TASK TO CARRY OUT: For the records below, print the lines from the line with "from ifc_helpers import" through the line with "x_axis=(0.500003800416, 0.866023209602, 0.0)))" exactly as written; include both end lines and exclude the rest.

◆ ◆ ◆ ◆ ◆

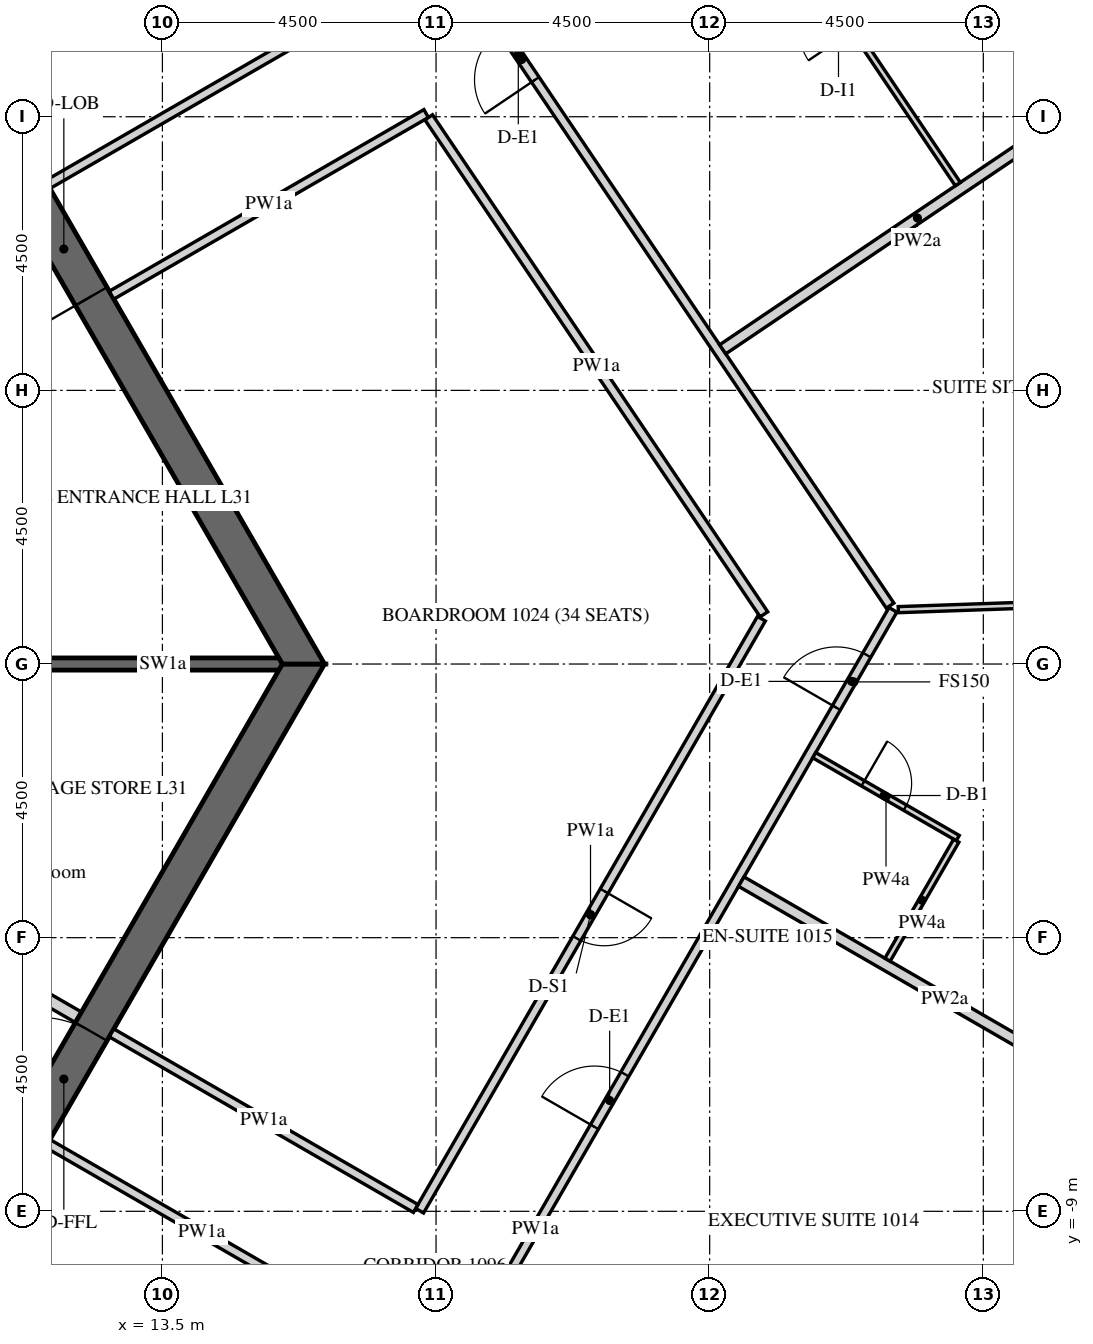
"""IFC4 building model, lengths in metres.
Left out: names, types, materials, properties, quantities, classifications, styles, units other than length and angle.
Written with IfcOpenShell. Run it as: python <this file> out.ifc"""

import sys

from ifc_helpers import new_model, si_unit, direction, frame, frame_2d, origin, place, context, subcontext, project, spatial, polyline, rectangle, outline, extrude, element, fill, save


model = new_model("IFC4")
c1 = context("Model", 3, precision=1e-05, world=origin(), true_north=direction((0.0, 1.0)))
c2 = subcontext(c1, "Body", "Model", "MODEL_VIEW")
j1 = project(units=[si_unit("LENGTHUNIT", "METRE"), si_unit("PLANEANGLEUNIT", "RADIAN")], contexts=[c1])
p1 = place(None, origin())
s1 = spatial("IfcSite", under=j1, at=p1, CompositionType="ELEMENT")
p2 = place(p1, origin())
s2 = spatial("IfcBuilding", under=s1, at=p2, CompositionType="ELEMENT")
p3 = place(p2, frame((0.0, 0.0, 135.0)))
s3 = spatial("IfcBuildingStorey", under=s2, at=p3, CompositionType="ELEMENT", Elevation=135.0)
p4 = place(p3, frame((18.83, -26.835, -0.15), z_axis=(0.0, 0.0, 1.0), x_axis=(0.500003800416, 0.866023209602, 0.0)))
e1 = element("IfcWall", 1, at=p4, inside=s3, PredefinedType="SOLIDWALL", context=c2, shape_type="SweptSolid", body=[
    extrude(outline(polyline([(-0.022, -0.275), (30.097, -0.275), (30.045, 0.275), (0.022, 0.275), (-0.022, -0.275)])), origin(), (0.0, 0.0, 1.0), 3.9),
])
p5 = place(p4, frame((1.236, 0.0, 1.05)))
e2 = element("IfcOpeningElement", 2, at=p5, cuts=e1, PredefinedType="OPENING", context=c2, shape_type="SweptSolid", body=[
    extrude(rectangle(XDim=2.4, YDim=2.4, at=frame_2d((1.2, 1.2))), frame((0.0, 0.285, 0.0), z_axis=(0.0, -1.0, 0.0), x_axis=(1.0, 0.0, 0.0)), (0.0, 0.0, 1.0), 0.57),
])
p6 = place(p4, frame((4.835, 0.0, 1.05)))
e3 = element("IfcOpeningElement", 3, at=p6, cuts=e1, PredefinedType="OPENING", context=c2, shape_type="SweptSolid", body=[
    extrude(rectangle(XDim=2.4, YDim=2.4, at=frame_2d((1.2, 1.2))), frame((0.0, 0.285, 0.0), z_axis=(0.0, -1.0, 0.0), x_axis=(1.0, 0.0, 0.0)), (0.0, 0.0, 1.0), 0.57),
])
p7 = place(p4, frame((8.436, 0.0, 1.05)))
e4 = element("IfcOpeningElement", 4, at=p7, cuts=e1, PredefinedType="OPENING", context=c2, shape_type="SweptSolid", body=[
    extrude(rectangle(XDim=2.4, YDim=2.4, at=frame_2d((1.2, 1.2))), frame((0.0, 0.285, 0.0), z_axis=(0.0, -1.0, 0.0), x_axis=(1.0, 0.0, 0.0)), (0.0, 0.0, 1.0), 0.57),
])
p8 = place(p4, frame((12.035, 0.0, 1.05)))
e5 = element("IfcOpeningElement", 5, at=p8, cuts=e1, PredefinedType="OPENING", context=c2, shape_type="SweptSolid", body=[
    extrude(rectangle(XDim=2.4, YDim=2.4, at=frame_2d((1.2, 1.2))), frame((0.0, 0.285, 0.0), z_axis=(0.0, -1.0, 0.0), x_axis=(1.0, 0.0, 0.0)), (0.0, 0.0, 1.0), 0.57),
])
p9 = place(p4, frame((15.635, 0.0, 1.05)))
e6 = element("IfcOpeningElement", 6, at=p9, cuts=e1, PredefinedType="OPENING", context=c2, shape_type="SweptSolid", body=[
    extrude(rectangle(XDim=2.4, YDim=2.4, at=frame_2d((1.2, 1.2))), frame((0.0, 0.285, 0.0), z_axis=(0.0, -1.0, 0.0), x_axis=(1.0, 0.0, 0.0)), (0.0, 0.0, 1.0), 0.57),
])
p10 = place(p4, frame((19.236, 0.0, 1.05)))
e7 = element("IfcOpeningElement", 7, at=p10, cuts=e1, PredefinedType="OPENING", context=c2, shape_type="SweptSolid", body=[
    extrude(rectangle(XDim=2.4, YDim=2.4, at=frame_2d((1.2, 1.2))), frame((0.0, 0.285, 0.0), z_axis=(0.0, -1.0, 0.0), x_axis=(1.0, 0.0, 0.0)), (0.0, 0.0, 1.0), 0.57),
])
p11 = place(p4, frame((22.835, 0.0, 1.05)))
e8 = element("IfcOpeningElement", 8, at=p11, cuts=e1, PredefinedType="OPENING", context=c2, shape_type="SweptSolid", body=[
    extrude(rectangle(XDim=2.4, YDim=2.4, at=frame_2d((1.2, 1.2))), frame((0.0, 0.285, 0.0), z_axis=(0.0, -1.0, 0.0), x_axis=(1.0, 0.0, 0.0)), (0.0, 0.0, 1.0), 0.57),
])
p12 = place(p4, frame((26.436, 0.0, 1.05)))
e9 = element("IfcOpeningElement", 9, at=p12, cuts=e1, PredefinedType="OPENING", context=c2, shape_type="SweptSolid", body=[
    extrude(rectangle(XDim=2.4, YDim=2.4, at=frame_2d((1.2, 1.2))), frame((0.0, 0.285, 0.0), z_axis=(0.0, -1.0, 0.0), x_axis=(1.0, 0.0, 0.0)), (0.0, 0.0, 1.0), 0.57),
])
p13 = place(p3, frame((33.728, 3.153, -0.15), z_axis=(0.0, 0.0, 1.0), x_axis=(-0.559192411416, 0.82903790445, 0.0)))
e10 = element("IfcWall", 10, at=p13, inside=s3, PredefinedType="SOLIDWALL", context=c2, shape_type="SweptSolid", body=[
    extrude(outline(polyline([(-0.026, -0.275), (30.093, -0.275), (30.048, 0.275), (0.026, 0.275), (-0.026, -0.275)])), origin(), (0.0, 0.0, 1.0), 3.9),
])
p14 = place(p13, frame((1.236, 0.0, 1.05)))
e11 = element("IfcOpeningElement", 11, at=p14, cuts=e10, PredefinedType="OPENING", context=c2, shape_type="SweptSolid", body=[
    extrude(rectangle(XDim=2.4, YDim=2.4, at=frame_2d((1.2, 1.2))), frame((0.0, 0.285, 0.0), z_axis=(0.0, -1.0, 0.0), x_axis=(1.0, 0.0, 0.0)), (0.0, 0.0, 1.0), 0.57),
])
p15 = place(p13, frame((4.835, 0.0, 1.05)))
e12 = element("IfcOpeningElement", 12, at=p15, cuts=e10, PredefinedType="OPENING", context=c2, shape_type="SweptSolid", body=[
    extrude(rectangle(XDim=2.4, YDim=2.4, at=frame_2d((1.2, 1.2))), frame((0.0, 0.285, 0.0), z_axis=(0.0, -1.0, 0.0), x_axis=(1.0, 0.0, 0.0)), (0.0, 0.0, 1.0), 0.57),
])
p16 = place(p13, frame((8.436, 0.0, 1.05)))
e13 = element("IfcOpeningElement", 13, at=p16, cuts=e10, PredefinedType="OPENING", context=c2, shape_type="SweptSolid", body=[
    extrude(rectangle(XDim=2.4, YDim=2.4, at=frame_2d((1.2, 1.2))), frame((0.0, 0.285, 0.0), z_axis=(0.0, -1.0, 0.0), x_axis=(1.0, 0.0, 0.0)), (0.0, 0.0, 1.0), 0.57),
])
p17 = place(p13, frame((12.035, 0.0, 1.05)))
e14 = element("IfcOpeningElement", 14, at=p17, cuts=e10, PredefinedType="OPENING", context=c2, shape_type="SweptSolid", body=[
    extrude(rectangle(XDim=2.4, YDim=2.4, at=frame_2d((1.2, 1.2))), frame((0.0, 0.285, 0.0), z_axis=(0.0, -1.0, 0.0), x_axis=(1.0, 0.0, 0.0)), (0.0, 0.0, 1.0), 0.57),
])
p18 = place(p13, frame((15.635, 0.0, 1.05)))
e15 = element("IfcOpeningElement", 15, at=p18, cuts=e10, PredefinedType="OPENING", context=c2, shape_type="SweptSolid", body=[
    extrude(rectangle(XDim=2.4, YDim=2.4, at=frame_2d((1.2, 1.2))), frame((0.0, 0.285, 0.0), z_axis=(0.0, -1.0, 0.0), x_axis=(1.0, 0.0, 0.0)), (0.0, 0.0, 1.0), 0.57),
])
p19 = place(p13, frame((19.236, 0.0, 1.05)))
e16 = element("IfcOpeningElement", 16, at=p19, cuts=e10, PredefinedType="OPENING", context=c2, shape_type="SweptSolid", body=[
    extrude(rectangle(XDim=2.4, YDim=2.4, at=frame_2d((1.2, 1.2))), frame((0.0, 0.285, 0.0), z_axis=(0.0, -1.0, 0.0), x_axis=(1.0, 0.0, 0.0)), (0.0, 0.0, 1.0), 0.57),
])
p20 = place(p13, frame((22.835, 0.0, 1.05)))
e17 = element("IfcOpeningElement", 17, at=p20, cuts=e10, PredefinedType="OPENING", context=c2, shape_type="SweptSolid", body=[
    extrude(rectangle(XDim=2.4, YDim=2.4, at=frame_2d((1.2, 1.2))), frame((0.0, 0.285, 0.0), z_axis=(0.0, -1.0, 0.0), x_axis=(1.0, 0.0, 0.0)), (0.0, 0.0, 1.0), 0.57),
])
p21 = place(p13, frame((26.436, 0.0, 1.05)))
e18 = element("IfcOpeningElement", 18, at=p21, cuts=e10, PredefinedType="OPENING", context=c2, shape_type="SweptSolid", body=[
    extrude(rectangle(XDim=2.4, YDim=2.4, at=frame_2d((1.2, 1.2))), frame((0.0, 0.285, 0.0), z_axis=(0.0, -1.0, 0.0), x_axis=(1.0, 0.0, 0.0)), (0.0, 0.0, 1.0), 0.57),
])
p22 = place(p3, frame((7.91, -13.7, -0.15), z_axis=(0.0, 0.0, 1.0), x_axis=(0.499999880136, 0.866025472988, 0.0)))
e19 = element("IfcWall", 19, at=p22, inside=s3, PredefinedType="SHEAR", context=c2, shape_type="SweptSolid", body=[
    extrude(outline(polyline([(-0.173, -0.3), (15.993, -0.3), (15.646, 0.3), (0.173, 0.3), (-0.173, -0.3)])), origin(), (0.0, 0.0, 1.0), 3.9),
])
p23 = place(p22, frame((7.039, 0.0, 0.15)))
e20 = element("IfcOpeningElement", 20, at=p23, cuts=e19, PredefinedType="OPENING", context=c2, shape_type="SweptSolid", body=[
    extrude(rectangle(XDim=1.8, YDim=2.4, at=frame_2d((0.9, 1.2))), frame((0.0, 0.31, 0.0), z_axis=(0.0, -1.0, 0.0), x_axis=(1.0, 0.0, 0.0)), (0.0, 0.0, 1.0), 0.62),
])
p24 = place(p3, frame((15.819, 0.0, -0.15), z_axis=(0.0, 0.0, 1.0), x_axis=(-0.499999880136, 0.866025472988, 0.0)))
e21 = element("IfcWall", 21, at=p24, inside=s3, PredefinedType="SHEAR", context=c2, shape_type="SweptSolid", body=[
    extrude(outline(polyline([(-0.173, -0.3), (15.993, -0.3), (15.646, 0.3), (0.173, 0.3), (-0.173, -0.3)])), origin(), (0.0, 0.0, 1.0), 3.9),
])
p25 = place(p24, frame((6.981, 0.0, 0.15)))
e22 = element("IfcOpeningElement", 22, at=p25, cuts=e21, PredefinedType="OPENING", context=c2, shape_type="SweptSolid", body=[
    extrude(rectangle(XDim=1.8, YDim=2.4, at=frame_2d((0.9, 1.2))), frame((0.0, 0.31, 0.0), z_axis=(0.0, -1.0, 0.0), x_axis=(1.0, 0.0, 0.0)), (0.0, 0.0, 1.0), 0.62),
])
p26 = place(p3, frame((11.547, 0.0, -0.15), z_axis=(0.0, 0.0, 1.0), x_axis=(1.0, 0.0, 0.0)))
e23 = element("IfcWall", 23, at=p26, inside=s3, PredefinedType="SHEAR", context=c2, shape_type="SweptSolid", body=[
    extrude(rectangle(XDim=3.926, YDim=0.2, at=frame_2d((1.963, 0.0))), origin(), (0.0, 0.0, 1.0), 3.9),
])
p27 = place(p3, frame((9.175, -4.109, 0.0), z_axis=(0.0, 0.0, 1.0), x_axis=(0.865989465428, -0.500062241894, 0.0)))
e24 = element("IfcWall", 24, at=p27, inside=s3, PredefinedType="PARTITIONING", context=c2, shape_type="SweptSolid", body=[
    extrude(rectangle(XDim=3.4, YDim=0.2, at=frame_2d((1.7, 0.0))), origin(), (0.0, 0.0, 1.0), 3.65),
])
p28 = place(p27, frame((1.351, 0.0, 0.0)))
e25 = element("IfcOpeningElement", 25, at=p28, cuts=e24, PredefinedType="OPENING", context=c2, shape_type="SweptSolid", body=[
    extrude(rectangle(XDim=0.9, YDim=2.1, at=frame_2d((0.45, 1.05))), frame((0.0, 0.11, 0.0), z_axis=(0.0, -1.0, 0.0), x_axis=(1.0, 0.0, 0.0)), (0.0, 0.0, 1.0), 0.22),
])
p29 = place(p3, frame((13.755, -19.475, 0.0), z_axis=(0.0, 0.0, 1.0), x_axis=(0.50000013933, 0.866025323342, 0.0)))
e26 = element("IfcWall", 26, at=p29, inside=s3, PredefinedType="PARTITIONING", context=c2, shape_type="SweptSolid", body=[
    extrude(rectangle(XDim=23.517, YDim=0.15, at=frame_2d((11.758, 0.0))), origin(), (0.0, 0.0, 1.0), 2.838),
])
p30 = place(p29, frame((4.456, 0.0, 0.0)))
e27 = element("IfcOpeningElement", 27, at=p30, cuts=e26, PredefinedType="OPENING", context=c2, shape_type="SweptSolid", body=[
    extrude(rectangle(XDim=1.0, YDim=2.1, at=frame_2d((0.5, 1.05))), frame((0.0, 0.085, 0.0), z_axis=(0.0, -1.0, 0.0), x_axis=(1.0, 0.0, 0.0)), (0.0, 0.0, 1.0), 0.17),
])
p31 = place(p29, frame((13.699, 0.0, 0.0)))
e28 = element("IfcOpeningElement", 28, at=p31, cuts=e26, PredefinedType="OPENING", context=c2, shape_type="SweptSolid", body=[
    extrude(rectangle(XDim=1.0, YDim=2.1, at=frame_2d((0.5, 1.05))), frame((0.0, 0.085, 0.0), z_axis=(0.0, -1.0, 0.0), x_axis=(1.0, 0.0, 0.0)), (0.0, 0.0, 1.0), 0.17),
])
p32 = place(p29, frame((21.658, 0.0, 0.0)))
e29 = element("IfcOpeningElement", 29, at=p32, cuts=e26, PredefinedType="OPENING", context=c2, shape_type="SweptSolid", body=[
    extrude(rectangle(XDim=1.0, YDim=2.1, at=frame_2d((0.5, 1.05))), frame((0.0, 0.085, 0.0), z_axis=(0.0, -1.0, 0.0), x_axis=(1.0, 0.0, 0.0)), (0.0, 0.0, 1.0), 0.17),
])
p33 = place(p3, frame((25.467, 0.96, 0.0), z_axis=(0.0, 0.0, 1.0), x_axis=(-0.559200743185, 0.829032284547, 0.0)))
e30 = element("IfcWall", 30, at=p33, inside=s3, PredefinedType="PARTITIONING", context=c2, shape_type="SweptSolid", body=[
    extrude(rectangle(XDim=21.668, YDim=0.15, at=frame_2d((10.834, 0.0))), origin(), (0.0, 0.0, 1.0), 2.838),
])
p34 = place(p33, frame((10.434, 0.0, 0.0)))
e31 = element("IfcOpeningElement", 31, at=p34, cuts=e30, PredefinedType="OPENING", context=c2, shape_type="SweptSolid", body=[
    extrude(rectangle(XDim=1.0, YDim=2.1, at=frame_2d((0.5, 1.05))), frame((0.0, 0.085, 0.0), z_axis=(0.0, -1.0, 0.0), x_axis=(1.0, 0.0, 0.0)), (0.0, 0.0, 1.0), 0.17),
])
p35 = place(p3, frame((12.664, 6.066, 0.0), z_axis=(0.0, 0.0, 1.0), x_axis=(0.866018848283, 0.500011354289, 0.0)))
e32 = element("IfcWall", 32, at=p35, inside=s3, PredefinedType="PARTITIONING", context=c2, shape_type="SweptSolid", body=[
    extrude(rectangle(XDim=5.974, YDim=0.15, at=frame_2d((2.987, 0.0))), origin(), (0.0, 0.0, 1.0), 2.838),
])
p36 = place(p3, frame((17.879, 8.99, 0.0), z_axis=(0.0, 0.0, 1.0), x_axis=(0.559189565351, -0.829039824136, 0.0)))
e33 = element("IfcWall", 33, at=p36, inside=s3, PredefinedType="PARTITIONING", context=c2, shape_type="SweptSolid", body=[
    extrude(rectangle(XDim=9.859, YDim=0.15, at=frame_2d((4.929, 0.0))), origin(), (0.0, 0.0, 1.0), 2.838),
])
p37 = place(p3, frame((23.351, 0.745, 0.0), z_axis=(0.0, 0.0, 1.0), x_axis=(-0.500009458068, -0.866019943097, 0.0)))
e34 = element("IfcWall", 34, at=p37, inside=s3, PredefinedType="PARTITIONING", context=c2, shape_type="SweptSolid", body=[
    extrude(rectangle(XDim=11.241, YDim=0.15, at=frame_2d((5.621, 0.0))), origin(), (0.0, 0.0, 1.0), 2.838),
])
p38 = place(p37, frame((5.171, 0.0, 0.0)))
e35 = element("IfcOpeningElement", 35, at=p38, cuts=e34, PredefinedType="OPENING", context=c2, shape_type="SweptSolid", body=[
    extrude(rectangle(XDim=0.9, YDim=2.1, at=frame_2d((0.45, 1.05))), frame((0.0, 0.085, 0.0), z_axis=(0.0, -1.0, 0.0), x_axis=(1.0, 0.0, 0.0)), (0.0, 0.0, 1.0), 0.17),
])
p39 = place(p3, frame((17.665, -8.953, 0.0), z_axis=(0.0, 0.0, 1.0), x_axis=(-0.866025774745, 0.499999357477, 0.0)))
e36 = element("IfcWall", 36, at=p39, inside=s3, PredefinedType="PARTITIONING", context=c2, shape_type="SweptSolid", body=[
    extrude(rectangle(XDim=5.775, YDim=0.15, at=frame_2d((2.887, 0.0))), origin(), (0.0, 0.0, 1.0), 2.838),
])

◆ ◆ ◆ ◆ ◆

OUTPUT:
from ifc_helpers import new_model, si_unit, direction, frame, frame_2d, origin, place, context, subcontext, project, spatial, polyline, rectangle, outline, extrude, element, fill, save


model = new_model("IFC4")
c1 = context("Model", 3, precision=1e-05, world=origin(), true_north=direction((0.0, 1.0)))
c2 = subcontext(c1, "Body", "Model", "MODEL_VIEW")
j1 = project(units=[si_unit("LENGTHUNIT", "METRE"), si_unit("PLANEANGLEUNIT", "RADIAN")], contexts=[c1])
p1 = place(None, origin())
s1 = spatial("IfcSite", under=j1, at=p1, CompositionType="ELEMENT")
p2 = place(p1, origin())
s2 = spatial("IfcBuilding", under=s1, at=p2, CompositionType="ELEMENT")
p3 = place(p2, frame((0.0, 0.0, 135.0)))
s3 = spatial("IfcBuildingStorey", under=s2, at=p3, CompositionType="ELEMENT", Elevation=135.0)
p4 = place(p3, frame((18.83, -26.835, -0.15), z_axis=(0.0, 0.0, 1.0), x_axis=(0.500003800416, 0.866023209602, 0.0)))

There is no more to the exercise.